* **TASK INSTRUCTIONS**:
Could you copy out every line of the data where the word "spatial" occurs?

* **GIVEN ENTRIES**:
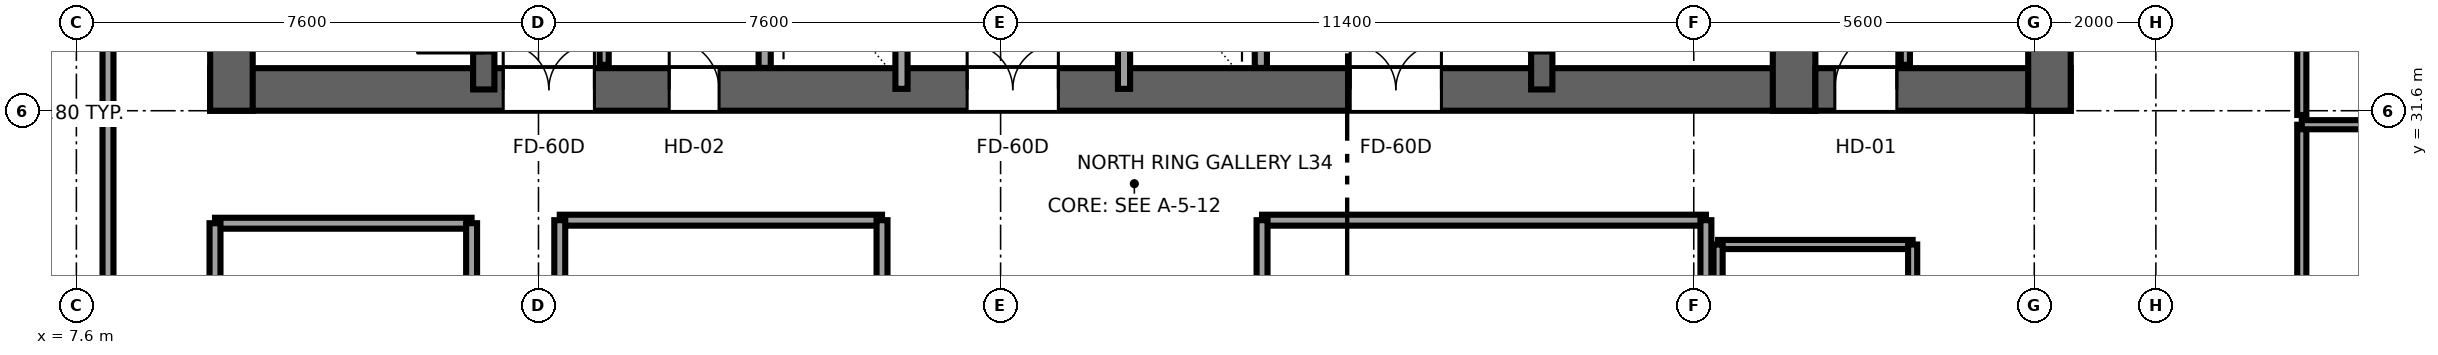
"""IFC4 building model, lengths in metres.
Left out: names, types, materials, properties, quantities, classifications, styles, units other than length and angle.
Written with IfcOpenShell. Run it as: python <this file> out.ifc"""

import sys

from ifc_helpers import new_model, si_unit, direction, frame, frame_2d, origin, place, context, subcontext, project, spatial, rectangle, extrude, source, transform, mapped, element, fill, save


model = new_model("IFC4")
c1 = context("Model", 3, precision=1e-05, world=origin(), true_north=direction((0.0, 1.0)))
c2 = subcontext(c1, "Body", "Model", "MODEL_VIEW")
j1 = project(units=[si_unit("LENGTHUNIT", "METRE"), si_unit("PLANEANGLEUNIT", "RADIAN")], contexts=[c1])
p1 = place(None, origin())
s1 = spatial("IfcSite", under=j1, at=p1, CompositionType="ELEMENT")
p2 = place(p1, origin())
s2 = spatial("IfcBuilding", under=s1, at=p2, CompositionType="ELEMENT")
p3 = place(p2, frame((0.0, 0.0, 132.85)))
s3 = spatial("IfcBuildingStorey", under=s2, at=p3, CompositionType="ELEMENT", Elevation=132.85)
p4 = place(p3, frame((9.8, 31.95, 0.0), z_axis=(0.0, 0.0, 1.0), x_axis=(1.0, 0.0, 0.0)))
e1 = element("IfcWall", 1, at=p4, inside=s3, PredefinedType="SHEAR", context=c2, shape_type="SweptSolid", body=[
    extrude(rectangle(XDim=26.4, YDim=0.7, at=frame_2d((13.2, 0.0))), origin(), (0.0, 0.0, 1.0), 3.55),
])
p5 = place(p4, frame((6.32, 0.0, 0.0), z_axis=(0.0, 0.0, 1.0), x_axis=(-1.0, 0.0, 0.0)))
e2 = element("IfcOpeningElement", 2, at=p5, cuts=e1, PredefinedType="OPENING", context=c2, shape_type="SweptSolid", body=[
    extrude(rectangle(XDim=1.5, YDim=2.04, at=frame_2d((0.75, 1.02))), frame((0.0, 0.36, 0.0), z_axis=(0.0, -1.0, 0.0), x_axis=(1.0, 0.0, 0.0)), (0.0, 0.0, 1.0), 0.72),
])
p6 = place(p4, frame((13.95, 0.0, 0.0), z_axis=(0.0, 0.0, 1.0), x_axis=(-1.0, 0.0, 0.0)))
e3 = element("IfcOpeningElement", 3, at=p6, cuts=e1, PredefinedType="OPENING", context=c2, shape_type="SweptSolid", body=[
    extrude(rectangle(XDim=1.5, YDim=2.04, at=frame_2d((0.75, 1.02))), frame((0.0, 0.36, 0.0), z_axis=(0.0, -1.0, 0.0), x_axis=(1.0, 0.0, 0.0)), (0.0, 0.0, 1.0), 0.72),
])
p7 = place(p4, frame((20.25, 0.0, 0.0), z_axis=(0.0, 0.0, 1.0), x_axis=(-1.0, 0.0, 0.0)))
e4 = element("IfcOpeningElement", 4, at=p7, cuts=e1, PredefinedType="OPENING", context=c2, shape_type="SweptSolid", body=[
    extrude(rectangle(XDim=1.5, YDim=2.04, at=frame_2d((0.75, 1.02))), frame((0.0, 0.36, 0.0), z_axis=(0.0, -1.0, 0.0), x_axis=(1.0, 0.0, 0.0)), (0.0, 0.0, 1.0), 0.72),
])
p8 = place(p4, frame((8.37, 0.0, 0.0), z_axis=(0.0, 0.0, 1.0), x_axis=(-1.0, 0.0, 0.0)))
e5 = element("IfcOpeningElement", 5, at=p8, cuts=e1, PredefinedType="OPENING", context=c2, shape_type="SweptSolid", body=[
    extrude(rectangle(XDim=0.82, YDim=2.01, at=frame_2d((0.41, 1.005))), frame((0.0, 0.36, 0.0), z_axis=(0.0, -1.0, 0.0), x_axis=(1.0, 0.0, 0.0)), (0.0, 0.0, 1.0), 0.72),
])
for number, where, z_axis, x_axis in (
    (6, (10.15, 31.6, 0.0), (0.0, 0.0, 1.0), (0.0, 1.0, 0.0)),
    (7, (35.85, 31.6, 0.0), (0.0, 0.0, 1.0), (0.0, 1.0, 0.0)),
):
    element("IfcWall", number, at=place(p3, frame(where, z_axis=z_axis, x_axis=x_axis)), inside=s3, PredefinedType="SHEAR", context=c2, shape_type="SweptSolid", body=[
        extrude(rectangle(XDim=13.6, YDim=0.7, at=frame_2d((6.8, 0.0))), origin(), (0.0, 0.0, 1.0), 3.55),
    ])
p9 = place(p3, frame((14.3, 31.95, 0.0), z_axis=(0.0, 0.0, 1.0), x_axis=(0.0, 1.0, 0.0)))
e8 = element("IfcWall", 8, at=p9, inside=s3, PredefinedType="SHEAR", context=c2, shape_type="SweptSolid", body=[
    extrude(rectangle(XDim=12.9, YDim=0.35, at=frame_2d((6.45, 0.0))), origin(), (0.0, 0.0, 1.0), 3.55),
])
p10 = place(p9, frame((0.6, 0.0, 0.0)))
e9 = element("IfcOpeningElement", 9, at=p10, cuts=e8, PredefinedType="OPENING", context=c2, shape_type="SweptSolid", body=[
    extrude(rectangle(XDim=1.1, YDim=2.12, at=frame_2d((0.55, 1.06))), frame((0.0, 0.185, 0.0), z_axis=(0.0, -1.0, 0.0), x_axis=(1.0, 0.0, 0.0)), (0.0, 0.0, 1.0), 0.37),
])
p11 = place(p3, frame((31.7, 31.95, 0.0), z_axis=(0.0, 0.0, 1.0), x_axis=(0.0, 1.0, 0.0)))
e10 = element("IfcWall", 10, at=p11, inside=s3, PredefinedType="SHEAR", context=c2, shape_type="SweptSolid", body=[
    extrude(rectangle(XDim=12.9, YDim=0.35, at=frame_2d((6.45, 0.0))), origin(), (0.0, 0.0, 1.0), 3.55),
])
p12 = place(p11, frame((1.7, 0.0, 0.0), z_axis=(0.0, 0.0, 1.0), x_axis=(-1.0, 0.0, 0.0)))
e11 = element("IfcOpeningElement", 11, at=p12, cuts=e10, PredefinedType="OPENING", context=c2, shape_type="SweptSolid", body=[
    extrude(rectangle(XDim=1.1, YDim=2.12, at=frame_2d((0.55, 1.06))), frame((0.0, 0.185, 0.0), z_axis=(0.0, -1.0, 0.0), x_axis=(1.0, 0.0, 0.0)), (0.0, 0.0, 1.0), 0.37),
])
p13 = place(p3, frame((36.2, 31.95, 0.0), z_axis=(0.0, 0.0, 1.0), x_axis=(1.0, 0.0, 0.0)))
e12 = element("IfcWall", 12, at=p13, inside=s3, PredefinedType="SHEAR", context=c2, shape_type="SweptSolid", body=[
    extrude(rectangle(XDim=4.2, YDim=0.7, at=frame_2d((2.1, 0.0))), origin(), (0.0, 0.0, 1.0), 3.55),
])
p14 = place(p13, frame((1.34, 0.0, 0.0), z_axis=(0.0, 0.0, 1.0), x_axis=(-1.0, 0.0, 0.0)))
e13 = element("IfcOpeningElement", 13, at=p14, cuts=e12, PredefinedType="OPENING", context=c2, shape_type="SweptSolid", body=[
    extrude(rectangle(XDim=1.02, YDim=2.03, at=frame_2d((0.51, 1.015))), frame((0.0, 0.36, 0.0), z_axis=(0.0, -1.0, 0.0), x_axis=(1.0, 0.0, 0.0)), (0.0, 0.0, 1.0), 0.72),
])
p15 = place(p3, frame((40.05, 31.6, 0.0), z_axis=(0.0, 0.0, 1.0), x_axis=(0.0, 1.0, 0.0)))
e14 = element("IfcWall", 14, at=p15, inside=s3, PredefinedType="SHEAR", context=c2, shape_type="SweptSolid", body=[
    extrude(rectangle(XDim=13.6, YDim=0.7, at=frame_2d((6.8, 0.0))), origin(), (0.0, 0.0, 1.0), 3.55),
])
for number, where, z_axis, x_axis in (
    (15, (18.92, 32.304, 0.0), (0.0, 0.0, 1.0), (0.0, 1.0, 0.0)),
    (16, (27.08, 32.304, 0.0), (0.0, 0.0, 1.0), (0.0, 1.0, 0.0)),
):
    element("IfcWall", number, at=place(p3, frame(where, z_axis=z_axis, x_axis=x_axis)), inside=s3, PredefinedType="SOLIDWALL", context=c2, shape_type="SweptSolid", body=[
        extrude(rectangle(XDim=3.846, YDim=0.2, at=frame_2d((1.923, 0.0))), origin(), (0.0, 0.0, 1.0), 3.37),
    ])
p16 = place(p3, frame((21.17, 31.96, 0.0), z_axis=(0.0, 0.0, 1.0), x_axis=(0.0, 1.0, 0.0)))
e17 = element("IfcWall", 17, at=p16, inside=s3, PredefinedType="SOLIDWALL", context=c2, shape_type="SweptSolid", body=[
    extrude(rectangle(XDim=12.58, YDim=0.2, at=frame_2d((6.29, 0.0))), origin(), (0.0, 0.0, 1.0), 3.37),
])
p17 = place(p16, frame((5.74, 0.0, 0.0)))
e18 = element("IfcOpeningElement", 18, at=p17, cuts=e17, PredefinedType="OPENING", context=c2, shape_type="SweptSolid", body=[
    extrude(rectangle(XDim=1.1, YDim=2.12, at=frame_2d((0.55, 1.06))), frame((0.0, 0.11, 0.0), z_axis=(0.0, -1.0, 0.0), x_axis=(1.0, 0.0, 0.0)), (0.0, 0.0, 1.0), 0.22),
])
p18 = place(p16, frame((8.24, 0.0, 0.0)))
e19 = element("IfcOpeningElement", 19, at=p18, cuts=e17, PredefinedType="OPENING", context=c2, shape_type="SweptSolid", body=[
    extrude(rectangle(XDim=1.1, YDim=2.12, at=frame_2d((0.55, 1.06))), frame((0.0, 0.11, 0.0), z_axis=(0.0, -1.0, 0.0), x_axis=(1.0, 0.0, 0.0)), (0.0, 0.0, 1.0), 0.22),
])
p19 = place(p3, frame((24.83, 31.96, 0.0), z_axis=(0.0, 0.0, 1.0), x_axis=(0.0, 1.0, 0.0)))
e20 = element("IfcWall", 20, at=p19, inside=s3, PredefinedType="SOLIDWALL", context=c2, shape_type="SweptSolid", body=[
    extrude(rectangle(XDim=12.58, YDim=0.2, at=frame_2d((6.29, 0.0))), origin(), (0.0, 0.0, 1.0), 3.37),
])
p20 = place(p19, frame((5.74, 0.0, 0.0)))
e21 = element("IfcOpeningElement", 21, at=p20, cuts=e20, PredefinedType="OPENING", context=c2, shape_type="SweptSolid", body=[
    extrude(rectangle(XDim=1.1, YDim=2.12, at=frame_2d((0.55, 1.06))), frame((0.0, 0.11, 0.0), z_axis=(0.0, -1.0, 0.0), x_axis=(1.0, 0.0, 0.0)), (0.0, 0.0, 1.0), 0.22),
])
p21 = place(p19, frame((8.24, 0.0, 0.0)))
e22 = element("IfcOpeningElement", 22, at=p21, cuts=e20, PredefinedType="OPENING", context=c2, shape_type="SweptSolid", body=[
    extrude(rectangle(XDim=1.1, YDim=2.12, at=frame_2d((0.55, 1.06))), frame((0.0, 0.11, 0.0), z_axis=(0.0, -1.0, 0.0), x_axis=(1.0, 0.0, 0.0)), (0.0, 0.0, 1.0), 0.22),
])
p22 = place(p3, frame((16.28, 32.355, 0.0), z_axis=(0.0, 0.0, 1.0), x_axis=(0.0, 1.0, 0.0)))
e23 = element("IfcWall", 23, at=p22, inside=s3, PredefinedType="PARTITIONING", context=c2, shape_type="SweptSolid", body=[
    extrude(rectangle(XDim=0.865, YDim=0.15, at=frame_2d((0.433, 0.0))), origin(), (0.0, 0.0, 1.0), 3.37),
])
p23 = place(p3, frame((37.68, 32.355, 0.0), z_axis=(0.0, 0.0, 1.0), x_axis=(0.0, 1.0, 0.0)))
e24 = element("IfcWall", 24, at=p23, inside=s3, PredefinedType="PARTITIONING", context=c2, shape_type="SweptSolid", body=[
    extrude(rectangle(XDim=3.845, YDim=0.15, at=frame_2d((1.922, 0.0))), origin(), (0.0, 0.0, 1.0), 3.37),
])
p24 = place(p23, frame((1.413, 0.0, 0.0)))
e25 = element("IfcOpeningElement", 25, at=p24, cuts=e24, PredefinedType="OPENING", context=c2, shape_type="SweptSolid", body=[
    extrude(rectangle(XDim=1.02, YDim=2.03, at=frame_2d((0.51, 1.015))), frame((0.0, 0.085, 0.0), z_axis=(0.0, -1.0, 0.0), x_axis=(1.0, 0.0, 0.0)), (0.0, 0.0, 1.0), 0.17),
])
p25 = place(p3, frame((8.12, 22.3, 0.0), z_axis=(0.0, 0.0, 1.0), x_axis=(0.0, 1.0, 0.0)))
e26 = element("IfcWall", 26, at=p25, inside=s3, PredefinedType="PARTITIONING", context=c2, shape_type="SweptSolid", body=[
    extrude(rectangle(XDim=13.5, YDim=0.18, at=frame_2d((6.75, 0.0))), origin(), (0.0, 0.0, 1.0), 3.37),
])
p26 = place(p25, frame((3.35, 0.0, 0.0)))
e27 = element("IfcOpeningElement", 27, at=p26, cuts=e26, PredefinedType="OPENING", context=c2, shape_type="SweptSolid", body=[
    extrude(rectangle(XDim=1.65, YDim=2.15, at=frame_2d((0.825, 1.075))), frame((0.0, 0.1, 0.0), z_axis=(0.0, -1.0, 0.0), x_axis=(1.0, 0.0, 0.0)), (0.0, 0.0, 1.0), 0.2),
])
p27 = place(p3, frame((44.2, 22.38, 0.0), z_axis=(0.0, 0.0, 1.0), x_axis=(0.0, 1.0, 0.0)))
e28 = element("IfcWall", 28, at=p27, inside=s3, PredefinedType="PARTITIONING", context=c2, shape_type="SweptSolid", body=[
    extrude(rectangle(XDim=8.99, YDim=0.15, at=frame_2d((4.495, 0.0))), origin(), (0.0, 0.0, 1.0), 3.37),
])
p28 = place(p27, frame((4.005, 0.0, 0.0)))
e29 = element("IfcOpeningElement", 29, at=p28, cuts=e28, PredefinedType="OPENING", context=c2, shape_type="SweptSolid", body=[
    extrude(rectangle(XDim=0.98, YDim=2.12, at=frame_2d((0.49, 1.06))), frame((0.0, 0.085, 0.0), z_axis=(0.0, -1.0, 0.0), x_axis=(1.0, 0.0, 0.0)), (0.0, 0.0, 1.0), 0.17),
])
p29 = place(p3, frame((44.2, 31.37, 0.0), z_axis=(0.0, 0.0, 1.0), x_axis=(1.0, 0.0, 0.0)))
e30 = element("IfcWall", 30, at=p29, inside=s3, PredefinedType="PARTITIONING", context=c2, shape_type="SweptSolid", body=[
    extrude(rectangle(XDim=10.03, YDim=0.15, at=frame_2d((5.015, 0.0))), origin(), (0.0, 0.0, 1.0), 3.37),
])
p30 = place(p3, frame((44.2, 31.53, 0.0), z_axis=(0.0, 0.0, 1.0), x_axis=(0.0, 1.0, 0.0)))
e31 = element("IfcWall", 31, at=p30, inside=s3, PredefinedType="PARTITIONING", context=c2, shape_type="SweptSolid", body=[
    extrude(rectangle(XDim=8.99, YDim=0.15, at=frame_2d((4.495, 0.0))), origin(), (0.0, 0.0, 1.0), 3.37),
])
p31 = place(p30, frame((4.005, 0.0, 0.0)))
e32 = element("IfcOpeningElement", 32, at=p31, cuts=e31, PredefinedType="OPENING", context=c2, shape_type="SweptSolid", body=[
    extrude(rectangle(XDim=0.98, YDim=2.12, at=frame_2d((0.49, 1.06))), frame((0.0, 0.085, 0.0), z_axis=(0.0, -1.0, 0.0), x_axis=(1.0, 0.0, 0.0)), (0.0, 0.0, 1.0), 0.17),
])
p32 = place(p3, frame((9.88, 29.75, 0.0), z_axis=(0.0, 0.0, 1.0), x_axis=(1.0, 0.0, 0.0)))
e33 = element("IfcWall", 33, at=p32, inside=s3, PredefinedType="PARTITIONING", context=c2, shape_type="SweptSolid", body=[
    extrude(rectangle(XDim=4.22, YDim=0.18, at=frame_2d((2.11, 0.0))), origin(), (0.0, 0.0, 1.0), 3.37),
])
for number, where, z_axis, x_axis in (
    (34, (9.88, 22.3, 0.0), (0.0, 0.0, 1.0), (0.0, 1.0, 0.0)),
    (35, (14.1, 22.3, 0.0), (0.0, 0.0, 1.0), (0.0, 1.0, 0.0)),
):
    element("IfcWall", number, at=place(p3, frame(where, z_axis=z_axis, x_axis=x_axis)), inside=s3, PredefinedType="PARTITIONING", context=c2, shape_type="SweptSolid", body=[
        extrude(rectangle(XDim=7.45, YDim=0.18, at=frame_2d((3.725, 0.0))), origin(), (0.0, 0.0, 1.0), 3.37),
    ])
p33 = place(p3, frame((27.1, 29.8, 0.0), z_axis=(0.0, 0.0, 1.0), x_axis=(1.0, 0.0, 0.0)))
e36 = element("IfcWall", 36, at=p33, inside=s3, PredefinedType="PARTITIONING", context=c2, shape_type="SweptSolid", body=[
    extrude(rectangle(XDim=7.3, YDim=0.18, at=frame_2d((3.65, 0.0))), origin(), (0.0, 0.0, 1.0), 3.37),
])
for number, where, z_axis, x_axis in (
    (37, (27.1, 22.3, 0.0), (0.0, 0.0, 1.0), (0.0, 1.0, 0.0)),
    (38, (34.4, 22.3, 0.0), (0.0, 0.0, 1.0), (0.0, 1.0, 0.0)),
):
    element("IfcWall", number, at=place(p3, frame(where, z_axis=z_axis, x_axis=x_axis)), inside=s3, PredefinedType="PARTITIONING", context=c2, shape_type="SweptSolid", body=[
        extrude(rectangle(XDim=7.5, YDim=0.18, at=frame_2d((3.75, 0.0))), origin(), (0.0, 0.0, 1.0), 3.37),
    ])
p34 = place(p3, frame((15.55, 29.8, 0.0), z_axis=(0.0, 0.0, 1.0), x_axis=(1.0, 0.0, 0.0)))
e39 = element("IfcWall", 39, at=p34, inside=s3, PredefinedType="PARTITIONING", context=c2, shape_type="SweptSolid", body=[
    extrude(rectangle(XDim=5.3, YDim=0.18, at=frame_2d((2.65, 0.0))), origin(), (0.0, 0.0, 1.0), 3.37),
])
for number, where, z_axis, x_axis in (
    (40, (15.55, 22.3, 0.0), (0.0, 0.0, 1.0), (0.0, 1.0, 0.0)),
    (41, (20.85, 22.3, 0.0), (0.0, 0.0, 1.0), (0.0, 1.0, 0.0)),
):
    element("IfcWall", number, at=place(p3, frame(where, z_axis=z_axis, x_axis=x_axis)), inside=s3, PredefinedType="PARTITIONING", context=c2, shape_type="SweptSolid", body=[
        extrude(rectangle(XDim=7.5, YDim=0.18, at=frame_2d((3.75, 0.0))), origin(), (0.0, 0.0, 1.0), 3.37),
    ])
p35 = place(p3, frame((34.6, 29.4, 0.0), z_axis=(0.0, 0.0, 1.0), x_axis=(1.0, 0.0, 0.0)))
e42 = element("IfcWall", 42, at=p35, inside=s3, PredefinedType="PARTITIONING", context=c2, shape_type="SweptSolid", body=[
    extrude(rectangle(XDim=3.2, YDim=0.15, at=frame_2d((1.6, 0.0))), origin(), (0.0, 0.0, 1.0), 3.37),
])
for number, where, z_axis, x_axis in (
    (43, (34.6, 22.3, 0.0), (0.0, 0.0, 1.0), (0.0, 1.0, 0.0)),
    (44, (37.8, 22.3, 0.0), (0.0, 0.0, 1.0), (0.0, 1.0, 0.0)),
):
    element("IfcWall", number, at=place(p3, frame(where, z_axis=z_axis, x_axis=x_axis)), inside=s3, PredefinedType="PARTITIONING", context=c2, shape_type="SweptSolid", body=[
        extrude(rectangle(XDim=7.1, YDim=0.15, at=frame_2d((3.55, 0.0))), origin(), (0.0, 0.0, 1.0), 3.37),
    ])
m1 = source(origin(), c2, "Body", "SweptSolid", [
    extrude(rectangle(XDim=1.1, YDim=2.12, at=frame_2d((0.55, 1.06))), frame((0.0, 0.025, 0.0), z_axis=(0.0, -1.0, 0.0), x_axis=(1.0, 0.0, 0.0)), (0.0, 0.0, 1.0), 0.05),
])
p36 = place(p10, origin())
e45 = element("IfcDoor", 45, at=p36, inside=s3, OperationType="SINGLE_SWING_LEFT", PredefinedType="DOOR", context=c2, shape_type="MappedRepresentation", body=[
    mapped(m1, transform((0.0, 0.0, 0.0), x_axis=(1.0, 0.0, 0.0), y_axis=(0.0, 1.0, 0.0), z_axis=(0.0, 0.0, 1.0), scale=1.0)),
])
fill(e9, e45)
p37 = place(p12, origin())
e46 = element("IfcDoor", 46, at=p37, inside=s3, OperationType="SINGLE_SWING_RIGHT", PredefinedType="DOOR", context=c2, shape_type="MappedRepresentation", body=[
    mapped(m1, transform((0.0, 0.0, 0.0), x_axis=(1.0, 0.0, 0.0), y_axis=(0.0, 1.0, 0.0), z_axis=(0.0, 0.0, 1.0), scale=1.0)),
])
fill(e11, e46)
m2 = source(origin(), c2, "Body", "SweptSolid", [
    extrude(rectangle(XDim=1.5, YDim=2.04, at=frame_2d((0.75, 1.02))), frame((0.0, 0.025, 0.0), z_axis=(0.0, -1.0, 0.0), x_axis=(1.0, 0.0, 0.0)), (0.0, 0.0, 1.0), 0.05),
])
p38 = place(p5, origin())
e47 = element("IfcDoor", 47, at=p38, inside=s3, OperationType="DOUBLE_DOOR_SINGLE_SWING", PredefinedType="DOOR", context=c2, shape_type="MappedRepresentation", body=[
    mapped(m2, transform((0.0, 0.0, 0.0), x_axis=(1.0, 0.0, 0.0), y_axis=(0.0, 1.0, 0.0), z_axis=(0.0, 0.0, 1.0), scale=1.0)),
])
fill(e2, e47)
p39 = place(p6, origin())
e48 = element("IfcDoor", 48, at=p39, inside=s3, OperationType="DOUBLE_DOOR_SINGLE_SWING", PredefinedType="DOOR", context=c2, shape_type="MappedRepresentation", body=[
    mapped(m2, transform((0.0, 0.0, 0.0), x_axis=(1.0, 0.0, 0.0), y_axis=(0.0, 1.0, 0.0), z_axis=(0.0, 0.0, 1.0), scale=1.0)),
])
fill(e3, e48)
p40 = place(p7, origin())
e49 = element("IfcDoor", 49, at=p40, inside=s3, OperationType="DOUBLE_DOOR_SINGLE_SWING", PredefinedType="DOOR", context=c2, shape_type="MappedRepresentation", body=[
    mapped(m2, transform((0.0, 0.0, 0.0), x_axis=(1.0, 0.0, 0.0), y_axis=(0.0, 1.0, 0.0), z_axis=(0.0, 0.0, 1.0), scale=1.0)),
])
fill(e4, e49)
m3 = source(origin(), c2, "Body", "SweptSolid", [
    extrude(rectangle(XDim=0.82, YDim=2.01, at=frame_2d((0.41, 1.005))), frame((0.0, 0.025, 0.0), z_axis=(0.0, -1.0, 0.0), x_axis=(1.0, 0.0, 0.0)), (0.0, 0.0, 1.0), 0.05),
])
p41 = place(p8, origin())
e50 = element("IfcDoor", 50, at=p41, inside=s3, OperationType="SINGLE_SWING_LEFT", PredefinedType="DOOR", context=c2, shape_type="MappedRepresentation", body=[
    mapped(m3, transform((0.0, 0.0, 0.0), x_axis=(1.0, 0.0, 0.0), y_axis=(0.0, 1.0, 0.0), z_axis=(0.0, 0.0, 1.0), scale=1.0)),
])
fill(e5, e50)
m4 = source(origin(), c2, "Body", "SweptSolid", [
    extrude(rectangle(XDim=1.02, YDim=2.03, at=frame_2d((0.51, 1.015))), frame((0.0, 0.025, 0.0), z_axis=(0.0, -1.0, 0.0), x_axis=(1.0, 0.0, 0.0)), (0.0, 0.0, 1.0), 0.05),
])
p42 = place(p14, origin())
e51 = element("IfcDoor", 51, at=p42, inside=s3, OperationType="SINGLE_SWING_RIGHT", PredefinedType="DOOR", context=c2, shape_type="MappedRepresentation", body=[
    mapped(m4, transform((0.0, 0.0, 0.0), x_axis=(1.0, 0.0, 0.0), y_axis=(0.0, 1.0, 0.0), z_axis=(0.0, 0.0, 1.0), scale=1.0)),
])
fill(e13, e51)
save(model, sys.argv[1])

* **WRITTEN RESPONSE**:
from ifc_helpers import new_model, si_unit, direction, frame, frame_2d, origin, place, context, subcontext, project, spatial, rectangle, extrude, source, transform, mapped, element, fill, save
s1 = spatial("IfcSite", under=j1, at=p1, CompositionType="ELEMENT")
s2 = spatial("IfcBuilding", under=s1, at=p2, CompositionType="ELEMENT")
s3 = spatial("IfcBuildingStorey", under=s2, at=p3, CompositionType="ELEMENT", Elevation=132.85)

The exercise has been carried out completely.